> [Work order]:
Nothing other than the lines from the one containing "p37 = place(p31, origin())" through the close of the entries below should be printed, each exactly.

> [Data records]:

----------------

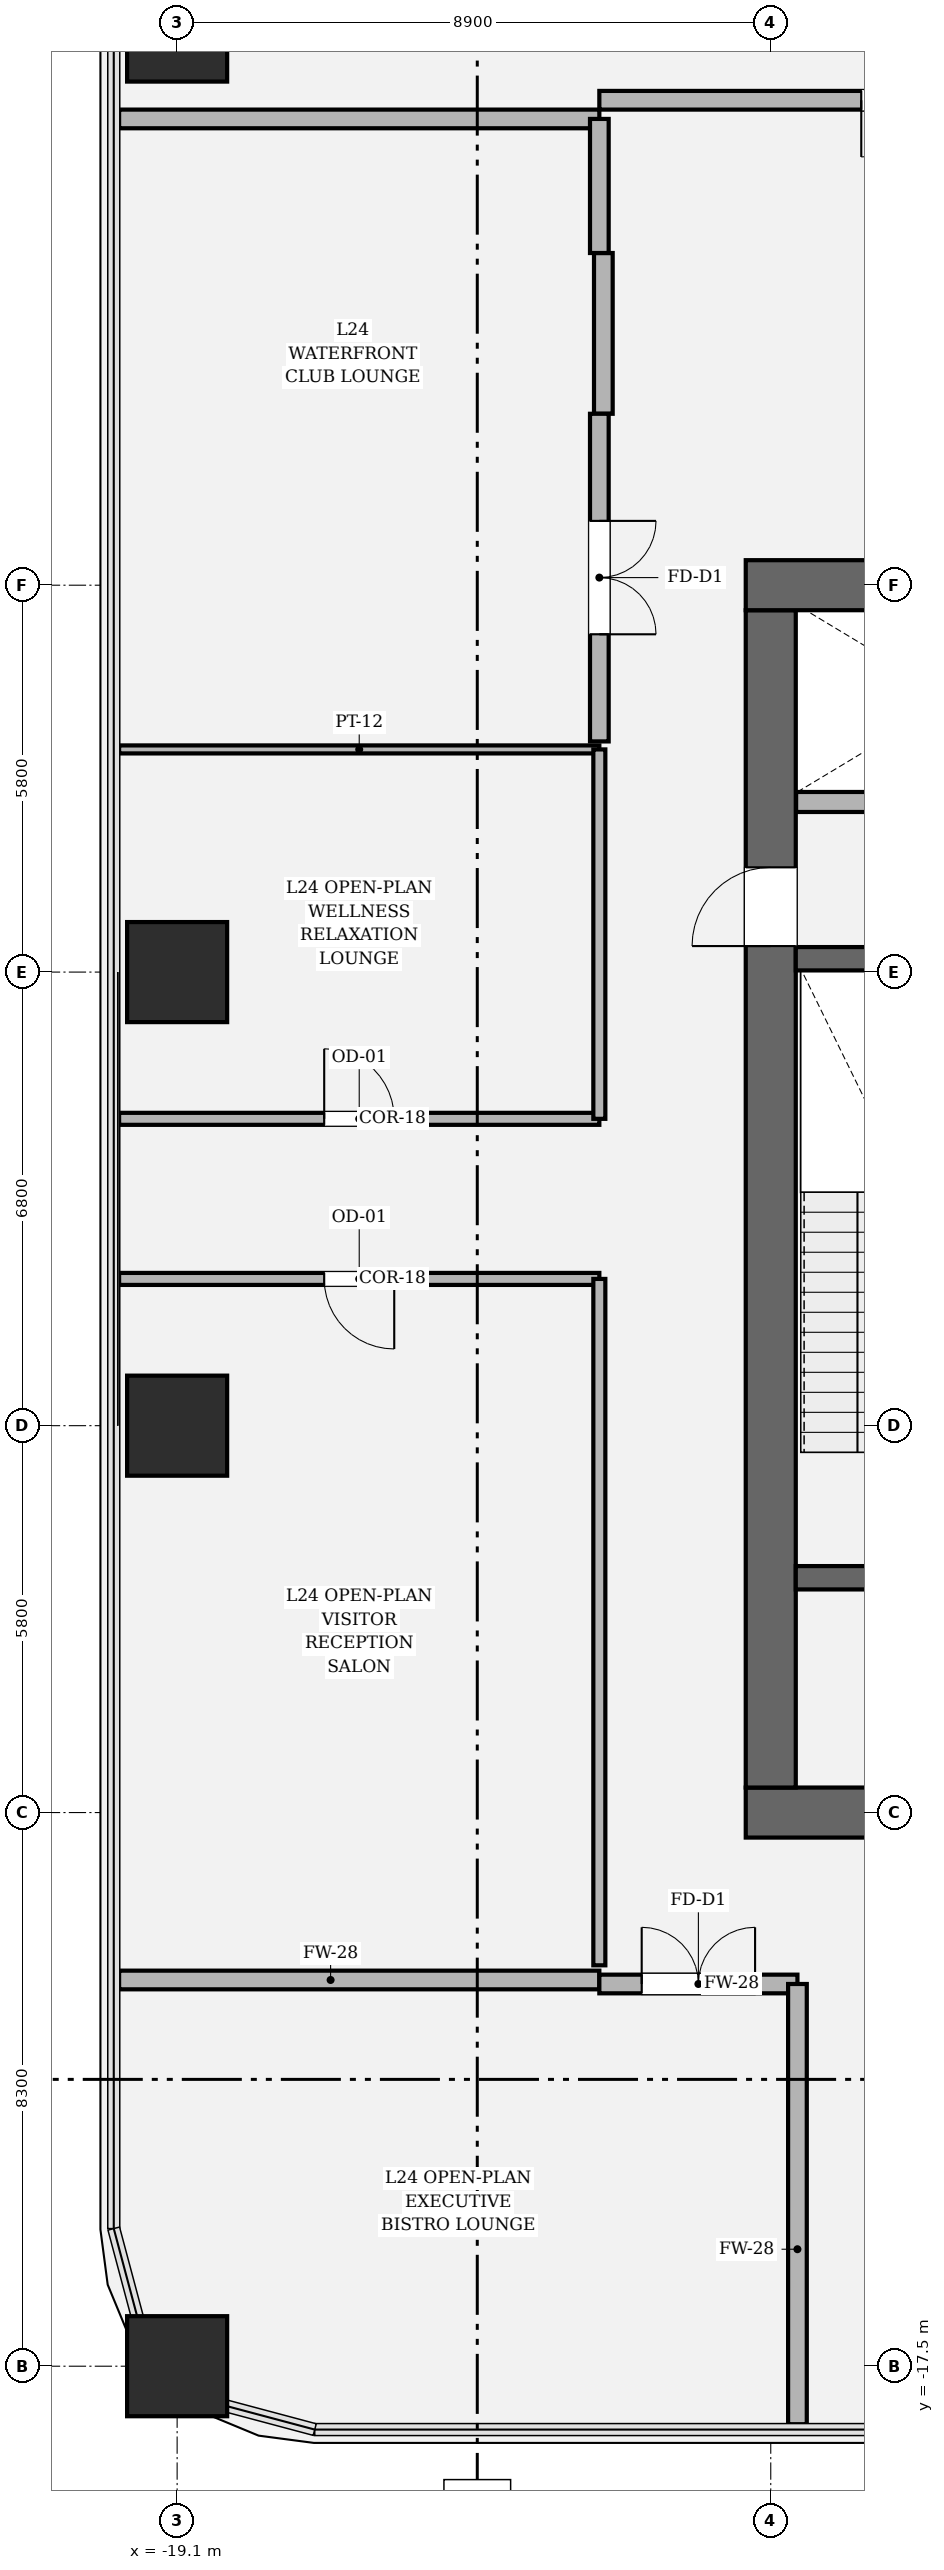
"""IFC4 building model, lengths in metres.
Left out: names, types, materials, properties, quantities, classifications, styles, units other than length and angle.
Written with IfcOpenShell. Run it as: python <this file> out.ifc"""

import sys

from ifc_helpers import new_model, si_unit, direction, frame, frame_2d, origin, origin_2d, place, context, subcontext, project, spatial, rectangle, hollow_rectangle, extrude, element, fill, save


model = new_model("IFC4")
c1 = context("Model", 3, precision=1e-05, world=origin(), true_north=direction((0.0, 1.0)))
c2 = subcontext(c1, "Body", "Model", "MODEL_VIEW")
j1 = project(units=[si_unit("LENGTHUNIT", "METRE"), si_unit("PLANEANGLEUNIT", "RADIAN")], contexts=[c1])
p1 = place(None, origin())
s1 = spatial("IfcSite", under=j1, at=p1, CompositionType="ELEMENT")
p2 = place(p1, origin())
s2 = spatial("IfcBuilding", under=s1, at=p2, CompositionType="ELEMENT")
p3 = place(p2, frame((0.0, 0.0, 105.15)))
s3 = spatial("IfcBuildingStorey", under=s2, at=p3, CompositionType="ELEMENT", Elevation=105.15)
p4 = place(p3, frame((10.575, -9.2, 0.0), z_axis=(0.0, 0.0, 1.0), x_axis=(-1.0, 0.0, 0.0)))
e1 = element("IfcWall", 1, at=p4, inside=s3, PredefinedType="SHEAR", context=c2, shape_type="SweptSolid", body=[
    extrude(rectangle(XDim=21.15, YDim=0.75, at=frame_2d((10.575, 0.0))), origin(), (0.0, 0.0, 1.0), 4.05),
])
p5 = place(p4, frame((2.85, 0.0, 0.0)))
e2 = element("IfcOpeningElement", 2, at=p5, cuts=e1, PredefinedType="OPENING", context=c2, shape_type="SweptSolid", body=[
    extrude(rectangle(XDim=1.25, YDim=2.25, at=frame_2d((0.625, 1.125))), frame((0.0, 0.385, 0.0), z_axis=(0.0, -1.0, 0.0), x_axis=(1.0, 0.0, 0.0)), (0.0, 0.0, 1.0), 0.77),
])
p6 = place(p4, frame((17.05, 0.0, 0.0)))
e3 = element("IfcOpeningElement", 3, at=p6, cuts=e1, PredefinedType="OPENING", context=c2, shape_type="SweptSolid", body=[
    extrude(rectangle(XDim=1.25, YDim=2.25, at=frame_2d((0.625, 1.125))), frame((0.0, 0.385, 0.0), z_axis=(0.0, -1.0, 0.0), x_axis=(1.0, 0.0, 0.0)), (0.0, 0.0, 1.0), 0.77),
])
p7 = place(p3, frame((-10.2, -8.825, 0.0), z_axis=(0.0, 0.0, 1.0), x_axis=(0.0, 1.0, 0.0)))
e4 = element("IfcWall", 4, at=p7, inside=s3, PredefinedType="SHEAR", context=c2, shape_type="SweptSolid", body=[
    extrude(rectangle(XDim=17.65, YDim=0.75, at=frame_2d((8.825, 0.0))), origin(), (0.0, 0.0, 1.0), 4.05),
])
p8 = place(p7, frame((12.615, 0.0, 0.0)))
e5 = element("IfcOpeningElement", 5, at=p8, cuts=e4, PredefinedType="OPENING", context=c2, shape_type="SweptSolid", body=[
    extrude(rectangle(XDim=1.18, YDim=2.2, at=frame_2d((0.59, 1.1))), frame((0.0, 0.385, 0.0), z_axis=(0.0, -1.0, 0.0), x_axis=(1.0, 0.0, 0.0)), (0.0, 0.0, 1.0), 0.77),
])
p9 = place(p3, frame((-10.575, 9.2, 0.0), z_axis=(0.0, 0.0, 1.0), x_axis=(1.0, 0.0, 0.0)))
e6 = element("IfcWall", 6, at=p9, inside=s3, PredefinedType="SHEAR", context=c2, shape_type="SweptSolid", body=[
    extrude(rectangle(XDim=21.15, YDim=0.75, at=frame_2d((10.575, 0.0))), origin(), (0.0, 0.0, 1.0), 4.05),
])
p10 = place(p3, frame((-9.825, -5.68, 0.0), z_axis=(0.0, 0.0, 1.0), x_axis=(1.0, 0.0, 0.0)))
e7 = element("IfcWall", 7, at=p10, inside=s3, PredefinedType="SOLIDWALL", context=c2, shape_type="SweptSolid", body=[
    extrude(rectangle(XDim=5.175, YDim=0.35, at=frame_2d((2.587, 0.0))), origin(), (0.0, 0.0, 1.0), 4.05),
])
p11 = place(p10, frame((1.285, 0.0, 0.0)))
e8 = element("IfcOpeningElement", 8, at=p11, cuts=e7, PredefinedType="OPENING", context=c2, shape_type="SweptSolid", body=[
    extrude(rectangle(XDim=1.18, YDim=2.2, at=frame_2d((0.59, 1.1))), frame((0.0, 0.185, 0.0), z_axis=(0.0, -1.0, 0.0), x_axis=(1.0, 0.0, 0.0)), (0.0, 0.0, 1.0), 0.37),
])
p12 = place(p3, frame((-9.825, 3.6, 0.0), z_axis=(0.0, 0.0, 1.0), x_axis=(1.0, 0.0, 0.0)))
e9 = element("IfcWall", 9, at=p12, inside=s3, PredefinedType="SOLIDWALL", context=c2, shape_type="SweptSolid", body=[
    extrude(rectangle(XDim=5.175, YDim=0.35, at=frame_2d((2.587, 0.0))), origin(), (0.0, 0.0, 1.0), 4.05),
])
for number, where, z_axis, x_axis in (
    (10, (-19.1, -17.5, 0.0), (0.0, 0.0, 1.0), (1.0, 0.0, 0.0)),
    (11, (-19.1, 17.5, 0.0), (0.0, 0.0, 1.0), (1.0, 0.0, 0.0)),
    (12, (-19.1, 3.4, 0.0), (0.0, 0.0, 1.0), (1.0, 0.0, 0.0)),
    (13, (-19.1, -3.4, 0.0), (0.0, 0.0, 1.0), (1.0, 0.0, 0.0)),
):
    element("IfcColumn", number, at=place(p3, frame(where, z_axis=z_axis, x_axis=x_axis)), inside=s3, PredefinedType="COLUMN", context=c2, shape_type="SweptSolid", body=[
        extrude(hollow_rectangle(XDim=1.5, YDim=1.5, WallThickness=0.045, at=origin_2d()), origin(), (0.0, 0.0, 1.0), 4.05),
    ])
p13 = place(p3, frame((-9.82, 5.95, 0.0), z_axis=(0.0, 0.0, 1.0), x_axis=(1.0, 0.0, 0.0)))
e14 = element("IfcWall", 14, at=p13, inside=s3, PredefinedType="SOLIDWALL", context=c2, shape_type="SweptSolid", body=[
    extrude(rectangle(XDim=4.76, YDim=0.3, at=frame_2d((2.38, 0.0))), origin(), (0.0, 0.0, 1.0), 3.81),
])
p14 = place(p3, frame((-19.97, -11.71, 0.0), z_axis=(0.0, 0.0, 1.0), x_axis=(1.0, 0.0, 0.0)))
e15 = element("IfcWall", 15, at=p14, inside=s3, PredefinedType="SOLIDWALL", context=c2, shape_type="SweptSolid", body=[
    extrude(rectangle(XDim=7.2, YDim=0.28, at=frame_2d((3.6, 0.0))), origin(), (0.0, 0.0, 1.0), 2.484),
])
p15 = place(p3, frame((-12.77, -11.77, 0.0), z_axis=(0.0, 0.0, 1.0), x_axis=(1.0, 0.0, 0.0)))
e16 = element("IfcWall", 16, at=p15, inside=s3, PredefinedType="SOLIDWALL", context=c2, shape_type="SweptSolid", body=[
    extrude(rectangle(XDim=2.97, YDim=0.28, at=frame_2d((1.485, 0.0))), origin(), (0.0, 0.0, 1.0), 2.484),
])
p16 = place(p15, frame((0.635, 0.0, 0.0)))
e17 = element("IfcOpeningElement", 17, at=p16, cuts=e16, PredefinedType="OPENING", context=c2, shape_type="SweptSolid", body=[
    extrude(rectangle(XDim=1.7, YDim=2.3, at=frame_2d((0.85, 1.15))), frame((0.0, 0.15, 0.0), z_axis=(0.0, -1.0, 0.0), x_axis=(1.0, 0.0, 0.0)), (0.0, 0.0, 1.0), 0.3),
])
p17 = place(p3, frame((-9.8, -11.77, 0.0), z_axis=(0.0, 0.0, 1.0), x_axis=(0.0, -1.0, 0.0)))
e18 = element("IfcWall", 18, at=p17, inside=s3, PredefinedType="SOLIDWALL", context=c2, shape_type="SweptSolid", body=[
    extrude(rectangle(XDim=6.6, YDim=0.28, at=frame_2d((3.3, 0.0))), origin(), (0.0, 0.0, 1.0), 2.484),
])
p18 = place(p3, frame((-19.97, -1.2, 0.0), z_axis=(0.0, 0.0, 1.0), x_axis=(1.0, 0.0, 0.0)))
e19 = element("IfcWall", 19, at=p18, inside=s3, PredefinedType="PARTITIONING", context=c2, shape_type="SweptSolid", body=[
    extrude(rectangle(XDim=7.2, YDim=0.18, at=frame_2d((3.6, 0.0))), origin(), (0.0, 0.0, 1.0), 2.484),
])
p19 = place(p18, frame((3.075, 0.0, 0.0)))
e20 = element("IfcOpeningElement", 20, at=p19, cuts=e19, PredefinedType="OPENING", context=c2, shape_type="SweptSolid", body=[
    extrude(rectangle(XDim=1.05, YDim=2.2, at=frame_2d((0.525, 1.1))), frame((0.0, 0.1, 0.0), z_axis=(0.0, -1.0, 0.0), x_axis=(1.0, 0.0, 0.0)), (0.0, 0.0, 1.0), 0.2),
])
p20 = place(p3, frame((-12.77, -1.2, 0.0), z_axis=(0.0, 0.0, 1.0), x_axis=(0.0, -1.0, 0.0)))
e21 = element("IfcWall", 21, at=p20, inside=s3, PredefinedType="PARTITIONING", context=c2, shape_type="SweptSolid", body=[
    extrude(rectangle(XDim=10.29, YDim=0.18, at=frame_2d((5.145, 0.0))), origin(), (0.0, 0.0, 1.0), 2.484),
])
p21 = place(p3, frame((-12.77, 1.2, 0.0), z_axis=(0.0, 0.0, 1.0), x_axis=(-1.0, 0.0, 0.0)))
e22 = element("IfcWall", 22, at=p21, inside=s3, PredefinedType="PARTITIONING", context=c2, shape_type="SweptSolid", body=[
    extrude(rectangle(XDim=7.2, YDim=0.18, at=frame_2d((3.6, 0.0))), origin(), (0.0, 0.0, 1.0), 2.484),
])
p22 = place(p21, frame((3.075, 0.0, 0.0)))
e23 = element("IfcOpeningElement", 23, at=p22, cuts=e22, PredefinedType="OPENING", context=c2, shape_type="SweptSolid", body=[
    extrude(rectangle(XDim=1.05, YDim=2.2, at=frame_2d((0.525, 1.1))), frame((0.0, 0.1, 0.0), z_axis=(0.0, -1.0, 0.0), x_axis=(1.0, 0.0, 0.0)), (0.0, 0.0, 1.0), 0.2),
])
p23 = place(p3, frame((-19.97, 6.738, 0.0), z_axis=(0.0, 0.0, 1.0), x_axis=(1.0, 0.0, 0.0)))
e24 = element("IfcWall", 24, at=p23, inside=s3, PredefinedType="PARTITIONING", context=c2, shape_type="SweptSolid", body=[
    extrude(rectangle(XDim=7.2, YDim=0.12, at=frame_2d((3.6, 0.0))), origin(), (0.0, 0.0, 1.0), 2.484),
])
p24 = place(p3, frame((-12.77, 6.738, 0.0), z_axis=(0.0, 0.0, 1.0), x_axis=(0.0, -1.0, 0.0)))
e25 = element("IfcWall", 25, at=p24, inside=s3, PredefinedType="PARTITIONING", context=c2, shape_type="SweptSolid", body=[
    extrude(rectangle(XDim=5.538, YDim=0.18, at=frame_2d((2.769, 0.0))), origin(), (0.0, 0.0, 1.0), 2.484),
])
p25 = place(p3, frame((-12.71, 14.18, 0.0), z_axis=(0.0, 0.0, 1.0), x_axis=(0.0, -1.0, 0.0)))
e26 = element("IfcWall", 26, at=p25, inside=s3, PredefinedType="SOLIDWALL", context=c2, shape_type="SweptSolid", body=[
    extrude(rectangle(XDim=2.41, YDim=0.28, at=frame_2d((1.205, 0.0))), origin(), (0.0, 0.0, 1.0), 3.354),
])
p26 = place(p3, frame((-12.77, 11.77, 0.0), z_axis=(0.0, 0.0, 1.0), x_axis=(0.0, -1.0, 0.0)))
e27 = element("IfcWall", 27, at=p26, inside=s3, PredefinedType="SOLIDWALL", context=c2, shape_type="SweptSolid", body=[
    extrude(rectangle(XDim=4.912, YDim=0.28, at=frame_2d((2.456, 0.0))), origin(), (0.0, 0.0, 1.0), 2.484),
])
p27 = place(p26, frame((1.606, 0.0, 0.0)))
e28 = element("IfcOpeningElement", 28, at=p27, cuts=e27, PredefinedType="OPENING", context=c2, shape_type="SweptSolid", body=[
    extrude(rectangle(XDim=1.7, YDim=2.3, at=frame_2d((0.85, 1.15))), frame((0.0, 0.15, 0.0), z_axis=(0.0, -1.0, 0.0), x_axis=(1.0, 0.0, 0.0)), (0.0, 0.0, 1.0), 0.3),
])
p28 = place(p3, frame((-19.97, 16.19, 0.0), z_axis=(0.0, 0.0, 1.0), x_axis=(1.0, 0.0, 0.0)))
e29 = element("IfcWall", 29, at=p28, inside=s3, PredefinedType="SOLIDWALL", context=c2, shape_type="SweptSolid", body=[
    extrude(rectangle(XDim=7.2, YDim=0.28, at=frame_2d((3.6, 0.0))), origin(), (0.0, 0.0, 1.0), 2.484),
])
p29 = place(p3, frame((-12.77, 16.19, 0.0), z_axis=(0.0, 0.0, 1.0), x_axis=(0.0, -1.0, 0.0)))
e30 = element("IfcWall", 30, at=p29, inside=s3, PredefinedType="SOLIDWALL", context=c2, shape_type="SweptSolid", body=[
    extrude(rectangle(XDim=2.01, YDim=0.28, at=frame_2d((1.005, 0.0))), origin(), (0.0, 0.0, 1.0), 3.81),
])
p30 = place(p3, frame((-3.216, 16.47, 0.0), z_axis=(0.0, 0.0, 1.0), x_axis=(-1.0, 0.0, 0.0)))
e31 = element("IfcWall", 31, at=p30, inside=s3, PredefinedType="SOLIDWALL", context=c2, shape_type="SweptSolid", body=[
    extrude(rectangle(XDim=9.554, YDim=0.28, at=frame_2d((4.777, 0.0))), origin(), (0.0, 0.0, 1.0), 2.484),
])
p31 = place(p30, frame((3.927, 0.0, 0.0)))
e32 = element("IfcOpeningElement", 32, at=p31, cuts=e31, PredefinedType="OPENING", context=c2, shape_type="SweptSolid", body=[
    extrude(rectangle(XDim=1.7, YDim=2.3, at=frame_2d((0.85, 1.15))), frame((0.0, 0.15, 0.0), z_axis=(0.0, -1.0, 0.0), x_axis=(1.0, 0.0, 0.0)), (0.0, 0.0, 1.0), 0.3),
])
p32 = place(p8, origin())
e33 = element("IfcDoor", 33, at=p32, inside=s3, OperationType="SINGLE_SWING_LEFT", PredefinedType="DOOR", context=c2, shape_type="SweptSolid", body=[
    extrude(rectangle(XDim=1.18, YDim=2.2, at=frame_2d((0.59, 1.1))), frame((0.0, 0.025, 0.0), z_axis=(0.0, -1.0, 0.0), x_axis=(1.0, 0.0, 0.0)), (0.0, 0.0, 1.0), 0.05),
])
fill(e5, e33)
p33 = place(p16, origin())
e34 = element("IfcDoor", 34, at=p33, inside=s3, OperationType="DOUBLE_DOOR_SINGLE_SWING", PredefinedType="DOOR", context=c2, shape_type="SweptSolid", body=[
    extrude(rectangle(XDim=1.7, YDim=2.3, at=frame_2d((0.85, 1.15))), frame((0.0, 0.025, 0.0), z_axis=(0.0, -1.0, 0.0), x_axis=(1.0, 0.0, 0.0)), (0.0, 0.0, 1.0), 0.05),
])
fill(e17, e34)
p34 = place(p19, origin())
e35 = element("IfcDoor", 35, at=p34, inside=s3, OperationType="SINGLE_SWING_RIGHT", PredefinedType="DOOR", context=c2, shape_type="SweptSolid", body=[
    extrude(rectangle(XDim=1.05, YDim=2.2, at=frame_2d((0.525, 1.1))), frame((0.0, 0.025, 0.0), z_axis=(0.0, -1.0, 0.0), x_axis=(1.0, 0.0, 0.0)), (0.0, 0.0, 1.0), 0.05),
])
fill(e20, e35)
p35 = place(p22, origin())
e36 = element("IfcDoor", 36, at=p35, inside=s3, OperationType="SINGLE_SWING_RIGHT", PredefinedType="DOOR", context=c2, shape_type="SweptSolid", body=[
    extrude(rectangle(XDim=1.05, YDim=2.2, at=frame_2d((0.525, 1.1))), frame((0.0, 0.025, 0.0), z_axis=(0.0, -1.0, 0.0), x_axis=(1.0, 0.0, 0.0)), (0.0, 0.0, 1.0), 0.05),
])
fill(e23, e36)
p36 = place(p27, origin())
e37 = element("IfcDoor", 37, at=p36, inside=s3, OperationType="DOUBLE_DOOR_SINGLE_SWING", PredefinedType="DOOR", context=c2, shape_type="SweptSolid", body=[
    extrude(rectangle(XDim=1.7, YDim=2.3, at=frame_2d((0.85, 1.15))), frame((0.0, 0.025, 0.0), z_axis=(0.0, -1.0, 0.0), x_axis=(1.0, 0.0, 0.0)), (0.0, 0.0, 1.0), 0.05),
])
fill(e28, e37)
p37 = place(p31, origin())
e38 = element("IfcDoor", 38, at=p37, inside=s3, OperationType="DOUBLE_DOOR_SINGLE_SWING", PredefinedType="DOOR", context=c2, shape_type="SweptSolid", body=[
    extrude(rectangle(XDim=1.7, YDim=2.3, at=frame_2d((0.85, 1.15))), frame((0.0, 0.025, 0.0), z_axis=(0.0, -1.0, 0.0), x_axis=(1.0, 0.0, 0.0)), (0.0, 0.0, 1.0), 0.05),
])
fill(e32, e38)
save(model, sys.argv[1])

----------------

> [Answer section]:
p37 = place(p31, origin())
e38 = element("IfcDoor", 38, at=p37, inside=s3, OperationType="DOUBLE_DOOR_SINGLE_SWING", PredefinedType="DOOR", context=c2, shape_type="SweptSolid", body=[
    extrude(rectangle(XDim=1.7, YDim=2.3, at=frame_2d((0.85, 1.15))), frame((0.0, 0.025, 0.0), z_axis=(0.0, -1.0, 0.0), x_axis=(1.0, 0.0, 0.0)), (0.0, 0.0, 1.0), 0.05),
])
fill(e32, e38)
save(model, sys.argv[1])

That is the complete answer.